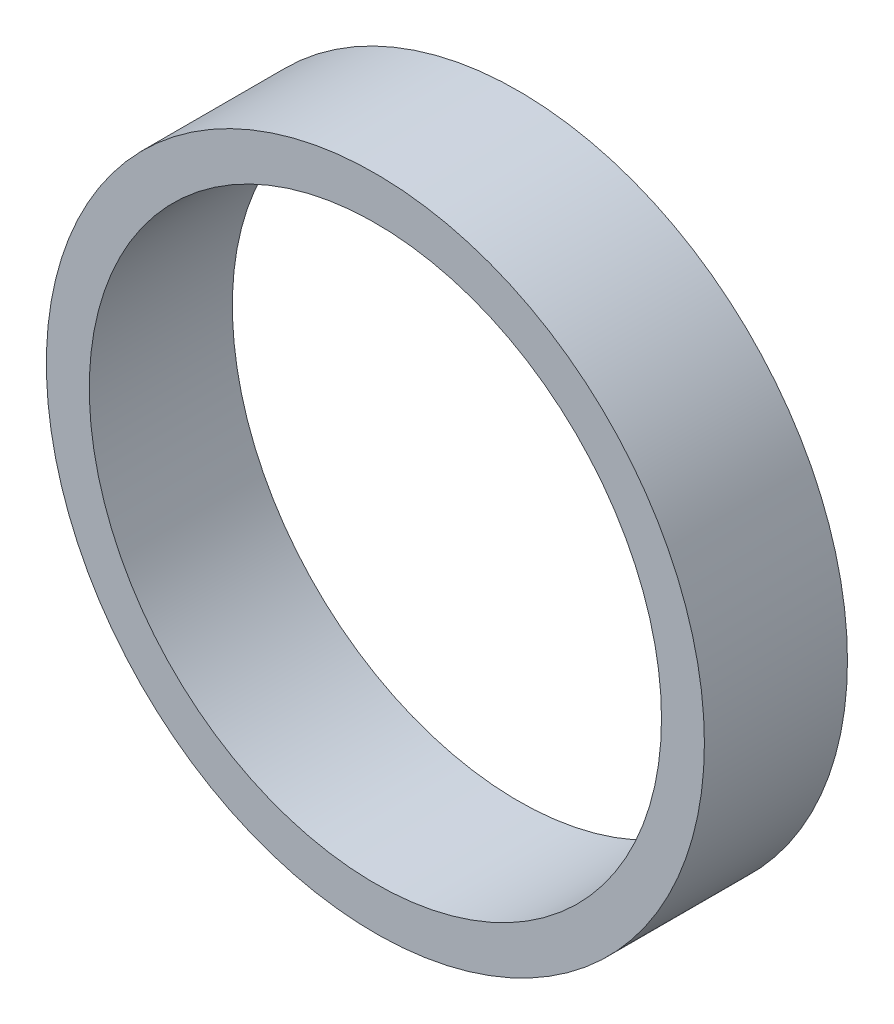
SolidWorks part; units mm, degrees
ref_plane "Front Plane" through (0, 0, 0) normal (0, 0, 1) x (1, 0, 0)
ref_plane "Top Plane" through (0, 0, 0) normal (0, 1, 0) x (1, 0, 0)
ref_plane "Right Plane" through (0, 0, 0) normal (1, 0, 0) x (0, 0, -1)
sketch "Sketch1" plane through (0, 0, 0) normal (0, 0, 1) x (1, 0, 0)
  circle A0 centre (0, 0) radius 115
  circle A1 centre (0, 0) radius 100
  dimension "D1" = 230
  dimension "D2" = 200
extrude "Boss-Extrude1" add sketch "Sketch1" along normal mid plane 50

───

▸ **EXERCISE DESCRIPTION**:
Your answer must be the line containing "circle A0 centre (0, 0) radius 115" and each line after it in the listing above, copied exactly.

▸ **SOLUTION FOR THIS EXERCISE**:
  circle A0 centre (0, 0) radius 115
  circle A1 centre (0, 0) radius 100
  dimension "D1" = 230
  dimension "D2" = 200
extrude "Boss-Extrude1" add sketch "Sketch1" along normal mid plane 50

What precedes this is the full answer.